PROBLEM DESCRIPTION =>
Looking at the entries, say how many lines contain the string "SHEAR". Offer nothing besides the number.

PROVIDED MATERIAL =>

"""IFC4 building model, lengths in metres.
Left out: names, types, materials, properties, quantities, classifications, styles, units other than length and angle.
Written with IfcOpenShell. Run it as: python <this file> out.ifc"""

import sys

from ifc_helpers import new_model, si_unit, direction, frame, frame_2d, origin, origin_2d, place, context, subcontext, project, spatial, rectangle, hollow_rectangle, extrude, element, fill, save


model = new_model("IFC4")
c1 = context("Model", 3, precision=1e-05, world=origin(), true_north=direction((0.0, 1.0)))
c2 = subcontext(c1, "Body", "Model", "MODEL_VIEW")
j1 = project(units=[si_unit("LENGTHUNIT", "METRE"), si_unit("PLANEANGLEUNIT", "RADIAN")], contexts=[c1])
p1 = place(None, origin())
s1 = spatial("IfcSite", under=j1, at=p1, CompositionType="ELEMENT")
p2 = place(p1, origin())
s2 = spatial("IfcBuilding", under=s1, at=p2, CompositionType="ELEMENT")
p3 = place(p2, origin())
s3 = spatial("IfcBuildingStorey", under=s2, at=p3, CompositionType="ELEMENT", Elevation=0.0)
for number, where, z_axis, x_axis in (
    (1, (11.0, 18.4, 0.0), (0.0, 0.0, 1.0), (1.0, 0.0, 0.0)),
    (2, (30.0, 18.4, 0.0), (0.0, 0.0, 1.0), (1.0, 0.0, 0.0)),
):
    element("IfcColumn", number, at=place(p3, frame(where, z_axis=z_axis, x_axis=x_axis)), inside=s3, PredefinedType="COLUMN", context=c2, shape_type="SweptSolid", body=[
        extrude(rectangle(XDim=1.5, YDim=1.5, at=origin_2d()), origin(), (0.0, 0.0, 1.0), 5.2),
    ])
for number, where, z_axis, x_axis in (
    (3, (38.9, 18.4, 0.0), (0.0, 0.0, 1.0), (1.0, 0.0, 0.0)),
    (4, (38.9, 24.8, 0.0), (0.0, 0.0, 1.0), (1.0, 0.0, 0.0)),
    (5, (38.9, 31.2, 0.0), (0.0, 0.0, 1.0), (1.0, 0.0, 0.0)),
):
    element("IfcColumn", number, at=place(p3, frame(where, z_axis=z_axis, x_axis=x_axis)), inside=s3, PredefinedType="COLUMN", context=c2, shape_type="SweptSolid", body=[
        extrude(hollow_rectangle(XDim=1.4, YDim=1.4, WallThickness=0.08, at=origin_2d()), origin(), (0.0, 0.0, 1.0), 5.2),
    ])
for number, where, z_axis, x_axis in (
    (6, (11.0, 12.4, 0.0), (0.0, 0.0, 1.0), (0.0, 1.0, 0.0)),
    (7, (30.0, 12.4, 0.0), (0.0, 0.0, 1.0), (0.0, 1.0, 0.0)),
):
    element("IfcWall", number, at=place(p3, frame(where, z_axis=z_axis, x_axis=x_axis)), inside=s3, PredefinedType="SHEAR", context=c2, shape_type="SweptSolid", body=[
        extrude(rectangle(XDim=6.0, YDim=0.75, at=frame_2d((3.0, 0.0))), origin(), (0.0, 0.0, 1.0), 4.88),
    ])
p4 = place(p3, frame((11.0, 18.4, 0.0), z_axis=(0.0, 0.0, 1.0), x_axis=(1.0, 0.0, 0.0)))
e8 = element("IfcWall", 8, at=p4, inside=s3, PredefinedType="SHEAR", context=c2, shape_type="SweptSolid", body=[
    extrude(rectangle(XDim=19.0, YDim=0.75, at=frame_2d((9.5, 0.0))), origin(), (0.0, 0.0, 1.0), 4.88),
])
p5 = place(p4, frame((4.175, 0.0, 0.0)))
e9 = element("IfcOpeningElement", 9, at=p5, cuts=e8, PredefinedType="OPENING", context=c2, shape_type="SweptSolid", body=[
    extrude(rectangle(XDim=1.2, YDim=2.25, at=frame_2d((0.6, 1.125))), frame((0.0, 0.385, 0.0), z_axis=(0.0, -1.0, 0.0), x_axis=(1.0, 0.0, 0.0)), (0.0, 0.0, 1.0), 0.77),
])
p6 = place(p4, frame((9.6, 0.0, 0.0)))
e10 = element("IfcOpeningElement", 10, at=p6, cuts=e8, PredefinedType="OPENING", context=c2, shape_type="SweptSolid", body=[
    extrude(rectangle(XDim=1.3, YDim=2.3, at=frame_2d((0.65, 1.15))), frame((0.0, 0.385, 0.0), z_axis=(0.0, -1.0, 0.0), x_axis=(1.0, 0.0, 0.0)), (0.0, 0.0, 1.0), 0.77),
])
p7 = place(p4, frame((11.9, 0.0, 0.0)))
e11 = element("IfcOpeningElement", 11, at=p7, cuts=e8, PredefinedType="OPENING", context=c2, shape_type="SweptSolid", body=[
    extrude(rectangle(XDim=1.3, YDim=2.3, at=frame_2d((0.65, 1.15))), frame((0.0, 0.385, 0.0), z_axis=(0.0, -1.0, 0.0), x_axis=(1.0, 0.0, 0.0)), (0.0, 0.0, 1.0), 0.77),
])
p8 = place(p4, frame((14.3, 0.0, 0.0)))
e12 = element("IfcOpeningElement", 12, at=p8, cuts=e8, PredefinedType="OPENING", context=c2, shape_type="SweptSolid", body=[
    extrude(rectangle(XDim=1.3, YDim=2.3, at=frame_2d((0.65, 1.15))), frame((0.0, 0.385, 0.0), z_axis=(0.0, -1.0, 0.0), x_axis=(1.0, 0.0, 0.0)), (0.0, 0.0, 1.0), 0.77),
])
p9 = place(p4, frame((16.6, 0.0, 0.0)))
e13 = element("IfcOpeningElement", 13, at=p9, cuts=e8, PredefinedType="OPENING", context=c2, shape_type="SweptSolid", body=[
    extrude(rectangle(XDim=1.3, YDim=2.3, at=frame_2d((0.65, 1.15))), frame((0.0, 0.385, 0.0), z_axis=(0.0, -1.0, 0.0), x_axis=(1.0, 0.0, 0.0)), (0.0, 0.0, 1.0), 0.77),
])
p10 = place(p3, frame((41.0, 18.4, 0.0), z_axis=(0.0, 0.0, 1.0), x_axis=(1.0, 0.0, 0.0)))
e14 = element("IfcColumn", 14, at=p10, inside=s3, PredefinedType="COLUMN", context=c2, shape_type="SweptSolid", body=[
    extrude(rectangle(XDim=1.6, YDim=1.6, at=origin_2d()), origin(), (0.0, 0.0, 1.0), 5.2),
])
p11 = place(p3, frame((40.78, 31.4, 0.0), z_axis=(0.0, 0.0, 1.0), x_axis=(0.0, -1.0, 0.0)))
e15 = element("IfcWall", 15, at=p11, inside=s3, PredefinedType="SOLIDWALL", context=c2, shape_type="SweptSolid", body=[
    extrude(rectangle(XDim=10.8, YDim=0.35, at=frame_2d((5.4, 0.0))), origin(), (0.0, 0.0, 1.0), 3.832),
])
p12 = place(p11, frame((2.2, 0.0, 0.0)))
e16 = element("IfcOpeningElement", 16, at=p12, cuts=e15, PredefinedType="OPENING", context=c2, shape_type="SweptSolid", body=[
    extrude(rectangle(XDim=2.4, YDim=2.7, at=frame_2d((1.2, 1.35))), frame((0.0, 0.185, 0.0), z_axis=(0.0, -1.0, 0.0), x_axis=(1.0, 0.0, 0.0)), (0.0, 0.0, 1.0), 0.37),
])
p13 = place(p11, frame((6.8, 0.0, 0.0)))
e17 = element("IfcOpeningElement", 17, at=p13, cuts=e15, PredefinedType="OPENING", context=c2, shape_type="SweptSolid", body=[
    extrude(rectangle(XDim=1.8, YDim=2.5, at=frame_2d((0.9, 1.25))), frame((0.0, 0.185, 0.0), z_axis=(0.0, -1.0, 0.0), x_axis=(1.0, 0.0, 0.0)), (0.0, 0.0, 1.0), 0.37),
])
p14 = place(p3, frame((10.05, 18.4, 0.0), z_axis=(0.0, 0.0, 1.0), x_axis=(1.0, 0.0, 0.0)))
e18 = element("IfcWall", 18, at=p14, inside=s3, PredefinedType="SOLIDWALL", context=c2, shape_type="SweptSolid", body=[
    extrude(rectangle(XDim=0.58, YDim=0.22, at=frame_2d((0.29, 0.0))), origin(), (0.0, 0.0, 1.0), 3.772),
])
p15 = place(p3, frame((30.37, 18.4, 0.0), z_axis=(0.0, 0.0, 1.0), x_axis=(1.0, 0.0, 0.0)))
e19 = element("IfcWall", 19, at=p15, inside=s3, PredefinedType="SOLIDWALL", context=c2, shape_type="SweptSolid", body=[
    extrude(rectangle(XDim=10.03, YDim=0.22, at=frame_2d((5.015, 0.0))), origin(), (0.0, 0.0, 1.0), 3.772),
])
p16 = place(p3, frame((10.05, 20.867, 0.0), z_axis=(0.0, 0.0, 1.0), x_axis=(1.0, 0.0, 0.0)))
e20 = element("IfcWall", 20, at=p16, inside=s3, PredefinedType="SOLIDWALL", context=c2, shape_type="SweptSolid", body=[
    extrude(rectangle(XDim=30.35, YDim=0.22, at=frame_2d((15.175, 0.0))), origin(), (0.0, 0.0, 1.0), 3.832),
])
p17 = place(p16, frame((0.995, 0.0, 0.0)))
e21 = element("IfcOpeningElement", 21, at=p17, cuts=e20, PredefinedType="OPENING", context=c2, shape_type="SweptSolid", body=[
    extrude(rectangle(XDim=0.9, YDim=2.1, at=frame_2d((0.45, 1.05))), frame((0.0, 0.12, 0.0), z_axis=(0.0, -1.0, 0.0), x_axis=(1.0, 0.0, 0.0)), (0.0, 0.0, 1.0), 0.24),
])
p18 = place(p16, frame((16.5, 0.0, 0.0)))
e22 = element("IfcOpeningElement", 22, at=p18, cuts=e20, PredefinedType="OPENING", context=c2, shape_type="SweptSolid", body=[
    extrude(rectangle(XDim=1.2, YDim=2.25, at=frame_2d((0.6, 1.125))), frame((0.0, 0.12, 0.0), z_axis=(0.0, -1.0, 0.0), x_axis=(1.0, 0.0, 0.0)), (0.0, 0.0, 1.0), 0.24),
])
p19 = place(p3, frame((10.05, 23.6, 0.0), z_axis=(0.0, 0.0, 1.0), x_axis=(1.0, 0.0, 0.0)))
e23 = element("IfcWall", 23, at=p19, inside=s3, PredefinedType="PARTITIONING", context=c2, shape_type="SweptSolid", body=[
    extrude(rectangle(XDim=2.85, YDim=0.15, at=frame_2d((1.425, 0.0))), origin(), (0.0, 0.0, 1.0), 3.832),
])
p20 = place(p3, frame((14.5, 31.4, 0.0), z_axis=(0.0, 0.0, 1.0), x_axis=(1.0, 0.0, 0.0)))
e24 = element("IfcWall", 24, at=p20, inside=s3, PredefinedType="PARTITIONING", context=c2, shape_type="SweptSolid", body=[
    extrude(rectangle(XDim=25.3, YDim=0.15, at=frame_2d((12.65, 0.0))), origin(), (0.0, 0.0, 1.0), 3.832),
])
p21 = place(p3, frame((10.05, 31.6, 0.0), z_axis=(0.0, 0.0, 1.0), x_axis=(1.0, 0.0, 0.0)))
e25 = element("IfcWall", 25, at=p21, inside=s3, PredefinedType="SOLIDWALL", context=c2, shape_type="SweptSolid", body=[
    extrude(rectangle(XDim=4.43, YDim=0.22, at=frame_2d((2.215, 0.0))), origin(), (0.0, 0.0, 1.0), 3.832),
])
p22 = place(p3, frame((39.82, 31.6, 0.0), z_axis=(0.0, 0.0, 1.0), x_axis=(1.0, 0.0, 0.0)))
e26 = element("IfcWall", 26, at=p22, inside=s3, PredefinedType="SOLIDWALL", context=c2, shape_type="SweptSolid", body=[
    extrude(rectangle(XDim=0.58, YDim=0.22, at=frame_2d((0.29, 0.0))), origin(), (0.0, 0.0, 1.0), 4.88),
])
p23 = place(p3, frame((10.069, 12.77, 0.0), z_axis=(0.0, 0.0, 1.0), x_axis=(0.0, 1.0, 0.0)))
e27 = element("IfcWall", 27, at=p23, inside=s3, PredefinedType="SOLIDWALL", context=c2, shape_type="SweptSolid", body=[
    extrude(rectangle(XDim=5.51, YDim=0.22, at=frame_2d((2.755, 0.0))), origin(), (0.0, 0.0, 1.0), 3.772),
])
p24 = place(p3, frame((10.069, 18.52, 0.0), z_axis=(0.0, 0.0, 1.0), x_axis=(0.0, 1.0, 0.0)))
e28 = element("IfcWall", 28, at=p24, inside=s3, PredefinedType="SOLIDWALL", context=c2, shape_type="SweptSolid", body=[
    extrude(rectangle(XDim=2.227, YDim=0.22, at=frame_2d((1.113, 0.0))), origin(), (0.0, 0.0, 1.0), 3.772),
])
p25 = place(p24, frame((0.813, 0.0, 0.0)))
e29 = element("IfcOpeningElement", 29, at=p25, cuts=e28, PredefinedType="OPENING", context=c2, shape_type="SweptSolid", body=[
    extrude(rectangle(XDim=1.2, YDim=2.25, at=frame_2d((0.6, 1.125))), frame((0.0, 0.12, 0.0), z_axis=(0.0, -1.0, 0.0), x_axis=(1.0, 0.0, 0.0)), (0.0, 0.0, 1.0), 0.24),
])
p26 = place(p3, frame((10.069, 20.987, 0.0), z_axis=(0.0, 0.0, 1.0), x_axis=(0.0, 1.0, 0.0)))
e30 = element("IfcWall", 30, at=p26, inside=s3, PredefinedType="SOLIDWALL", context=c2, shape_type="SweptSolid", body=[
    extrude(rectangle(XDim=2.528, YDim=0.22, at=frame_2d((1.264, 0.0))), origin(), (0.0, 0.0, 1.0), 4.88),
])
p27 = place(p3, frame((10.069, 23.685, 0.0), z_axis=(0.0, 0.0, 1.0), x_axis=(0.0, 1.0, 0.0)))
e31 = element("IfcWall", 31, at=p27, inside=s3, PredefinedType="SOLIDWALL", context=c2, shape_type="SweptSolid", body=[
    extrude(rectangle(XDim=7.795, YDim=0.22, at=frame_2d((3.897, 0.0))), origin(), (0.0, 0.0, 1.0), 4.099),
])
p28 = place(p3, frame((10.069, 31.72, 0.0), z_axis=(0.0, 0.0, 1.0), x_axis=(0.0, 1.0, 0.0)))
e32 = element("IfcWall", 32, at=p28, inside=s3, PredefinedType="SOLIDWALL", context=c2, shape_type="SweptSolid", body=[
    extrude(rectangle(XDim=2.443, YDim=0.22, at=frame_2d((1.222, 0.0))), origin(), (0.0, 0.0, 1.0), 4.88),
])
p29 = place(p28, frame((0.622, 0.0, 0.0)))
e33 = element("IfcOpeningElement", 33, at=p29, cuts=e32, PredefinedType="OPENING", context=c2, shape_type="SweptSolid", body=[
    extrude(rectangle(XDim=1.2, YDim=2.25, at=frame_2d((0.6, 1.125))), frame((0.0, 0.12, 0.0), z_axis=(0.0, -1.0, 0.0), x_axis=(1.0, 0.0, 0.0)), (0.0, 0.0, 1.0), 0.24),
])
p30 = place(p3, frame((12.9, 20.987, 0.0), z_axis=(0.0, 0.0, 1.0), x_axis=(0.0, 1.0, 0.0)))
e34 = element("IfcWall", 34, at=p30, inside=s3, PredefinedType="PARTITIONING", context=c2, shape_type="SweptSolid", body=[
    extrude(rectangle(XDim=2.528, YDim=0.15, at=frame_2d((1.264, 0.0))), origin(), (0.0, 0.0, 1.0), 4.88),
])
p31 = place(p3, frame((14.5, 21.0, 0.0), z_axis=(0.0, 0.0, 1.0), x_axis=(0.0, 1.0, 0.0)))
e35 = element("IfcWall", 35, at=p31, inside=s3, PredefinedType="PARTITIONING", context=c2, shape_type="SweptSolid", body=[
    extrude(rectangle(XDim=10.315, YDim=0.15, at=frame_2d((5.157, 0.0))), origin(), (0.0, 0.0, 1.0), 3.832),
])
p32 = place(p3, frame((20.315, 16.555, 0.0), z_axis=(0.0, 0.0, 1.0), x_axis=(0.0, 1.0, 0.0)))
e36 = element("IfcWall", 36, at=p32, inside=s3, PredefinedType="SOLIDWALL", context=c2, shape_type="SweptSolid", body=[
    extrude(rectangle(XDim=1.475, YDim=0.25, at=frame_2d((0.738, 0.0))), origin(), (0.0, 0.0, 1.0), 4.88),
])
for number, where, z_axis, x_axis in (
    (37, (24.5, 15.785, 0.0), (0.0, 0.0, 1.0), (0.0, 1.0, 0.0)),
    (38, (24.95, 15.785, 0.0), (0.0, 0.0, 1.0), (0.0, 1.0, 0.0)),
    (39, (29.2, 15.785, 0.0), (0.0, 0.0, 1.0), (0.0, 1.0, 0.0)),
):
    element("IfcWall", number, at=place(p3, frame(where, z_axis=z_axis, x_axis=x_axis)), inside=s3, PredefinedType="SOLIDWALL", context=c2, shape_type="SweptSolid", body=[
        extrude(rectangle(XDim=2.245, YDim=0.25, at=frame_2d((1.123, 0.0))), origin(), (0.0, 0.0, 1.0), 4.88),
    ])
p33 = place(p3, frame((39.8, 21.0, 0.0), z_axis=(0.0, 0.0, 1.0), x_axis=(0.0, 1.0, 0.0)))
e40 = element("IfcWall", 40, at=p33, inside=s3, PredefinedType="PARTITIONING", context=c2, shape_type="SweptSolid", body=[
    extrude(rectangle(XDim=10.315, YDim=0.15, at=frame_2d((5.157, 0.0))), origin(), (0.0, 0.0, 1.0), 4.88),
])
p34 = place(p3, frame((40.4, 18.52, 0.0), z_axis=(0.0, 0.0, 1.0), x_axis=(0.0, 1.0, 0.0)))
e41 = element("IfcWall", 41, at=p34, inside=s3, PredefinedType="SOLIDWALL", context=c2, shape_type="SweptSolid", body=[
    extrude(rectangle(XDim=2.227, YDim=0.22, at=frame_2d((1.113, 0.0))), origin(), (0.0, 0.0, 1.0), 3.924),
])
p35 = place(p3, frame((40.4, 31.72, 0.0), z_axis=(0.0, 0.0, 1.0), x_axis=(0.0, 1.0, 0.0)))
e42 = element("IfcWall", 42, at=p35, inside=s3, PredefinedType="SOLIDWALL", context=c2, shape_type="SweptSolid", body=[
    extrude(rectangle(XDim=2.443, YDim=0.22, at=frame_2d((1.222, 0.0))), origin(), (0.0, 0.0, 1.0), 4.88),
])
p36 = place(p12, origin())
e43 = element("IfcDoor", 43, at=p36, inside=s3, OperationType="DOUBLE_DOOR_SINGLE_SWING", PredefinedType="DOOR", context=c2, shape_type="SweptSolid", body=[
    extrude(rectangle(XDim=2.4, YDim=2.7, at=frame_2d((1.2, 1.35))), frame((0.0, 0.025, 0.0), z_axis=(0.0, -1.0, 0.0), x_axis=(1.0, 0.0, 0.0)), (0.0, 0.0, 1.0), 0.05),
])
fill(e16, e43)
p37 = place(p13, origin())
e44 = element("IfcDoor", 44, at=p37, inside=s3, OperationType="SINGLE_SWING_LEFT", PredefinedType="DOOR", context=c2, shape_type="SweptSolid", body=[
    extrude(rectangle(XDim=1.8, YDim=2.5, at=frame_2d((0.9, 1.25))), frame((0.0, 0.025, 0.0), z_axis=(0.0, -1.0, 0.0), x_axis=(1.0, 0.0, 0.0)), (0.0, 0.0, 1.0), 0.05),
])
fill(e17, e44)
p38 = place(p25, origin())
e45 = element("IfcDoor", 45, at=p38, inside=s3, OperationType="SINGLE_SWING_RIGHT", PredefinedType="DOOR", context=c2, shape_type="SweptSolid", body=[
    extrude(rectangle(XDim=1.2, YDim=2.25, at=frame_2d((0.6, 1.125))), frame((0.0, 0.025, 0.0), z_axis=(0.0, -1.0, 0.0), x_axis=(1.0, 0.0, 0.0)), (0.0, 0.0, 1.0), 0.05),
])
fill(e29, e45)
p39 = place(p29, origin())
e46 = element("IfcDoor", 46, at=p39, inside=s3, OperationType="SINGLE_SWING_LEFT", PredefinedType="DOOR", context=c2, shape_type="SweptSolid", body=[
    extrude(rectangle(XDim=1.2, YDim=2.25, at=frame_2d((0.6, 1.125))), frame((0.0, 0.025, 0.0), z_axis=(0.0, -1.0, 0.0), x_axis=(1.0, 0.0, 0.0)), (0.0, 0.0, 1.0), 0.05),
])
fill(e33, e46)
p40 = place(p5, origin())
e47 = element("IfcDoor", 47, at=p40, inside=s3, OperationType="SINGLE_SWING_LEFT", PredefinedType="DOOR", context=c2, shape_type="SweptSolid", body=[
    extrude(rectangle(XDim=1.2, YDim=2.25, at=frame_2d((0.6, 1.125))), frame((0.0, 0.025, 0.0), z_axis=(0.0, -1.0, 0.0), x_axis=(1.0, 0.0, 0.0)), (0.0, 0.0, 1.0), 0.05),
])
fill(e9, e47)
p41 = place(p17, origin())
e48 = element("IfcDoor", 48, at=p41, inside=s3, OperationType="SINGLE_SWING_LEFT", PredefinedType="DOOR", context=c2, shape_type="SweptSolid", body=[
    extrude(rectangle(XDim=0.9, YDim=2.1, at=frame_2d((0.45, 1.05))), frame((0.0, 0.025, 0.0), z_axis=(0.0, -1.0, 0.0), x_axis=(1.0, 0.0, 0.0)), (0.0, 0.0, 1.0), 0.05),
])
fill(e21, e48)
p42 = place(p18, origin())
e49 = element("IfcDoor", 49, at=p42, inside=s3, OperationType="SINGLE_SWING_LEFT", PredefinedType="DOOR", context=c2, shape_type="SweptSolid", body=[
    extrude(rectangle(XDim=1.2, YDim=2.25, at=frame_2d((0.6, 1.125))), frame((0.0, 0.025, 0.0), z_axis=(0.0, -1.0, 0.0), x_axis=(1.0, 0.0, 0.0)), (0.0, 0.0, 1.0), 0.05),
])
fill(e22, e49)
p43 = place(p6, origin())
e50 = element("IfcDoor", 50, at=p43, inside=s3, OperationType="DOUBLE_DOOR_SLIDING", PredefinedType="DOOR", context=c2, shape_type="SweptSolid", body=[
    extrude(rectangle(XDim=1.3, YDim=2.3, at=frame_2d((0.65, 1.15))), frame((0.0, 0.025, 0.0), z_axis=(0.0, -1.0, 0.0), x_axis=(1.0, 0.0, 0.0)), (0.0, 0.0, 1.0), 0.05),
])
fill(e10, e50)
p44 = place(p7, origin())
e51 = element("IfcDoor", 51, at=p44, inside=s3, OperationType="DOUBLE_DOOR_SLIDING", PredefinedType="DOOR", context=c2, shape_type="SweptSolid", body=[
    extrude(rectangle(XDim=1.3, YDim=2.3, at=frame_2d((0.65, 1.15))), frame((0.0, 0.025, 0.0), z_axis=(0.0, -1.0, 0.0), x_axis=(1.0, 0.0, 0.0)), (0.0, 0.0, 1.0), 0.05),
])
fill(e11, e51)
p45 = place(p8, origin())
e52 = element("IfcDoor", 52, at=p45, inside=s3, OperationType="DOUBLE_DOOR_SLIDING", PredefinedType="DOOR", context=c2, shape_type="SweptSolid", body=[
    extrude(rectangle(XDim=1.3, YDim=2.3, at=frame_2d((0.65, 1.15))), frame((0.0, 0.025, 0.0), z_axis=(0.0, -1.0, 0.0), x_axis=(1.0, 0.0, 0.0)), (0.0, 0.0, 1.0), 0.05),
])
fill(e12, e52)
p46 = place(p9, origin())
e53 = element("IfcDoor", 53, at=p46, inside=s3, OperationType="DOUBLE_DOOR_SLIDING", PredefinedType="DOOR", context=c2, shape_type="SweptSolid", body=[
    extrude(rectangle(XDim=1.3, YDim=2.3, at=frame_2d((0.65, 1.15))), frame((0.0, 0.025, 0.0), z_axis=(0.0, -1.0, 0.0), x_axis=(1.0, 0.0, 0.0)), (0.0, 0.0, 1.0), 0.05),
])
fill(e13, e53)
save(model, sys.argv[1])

SOLUTION TO THIS PROBLEM =>
2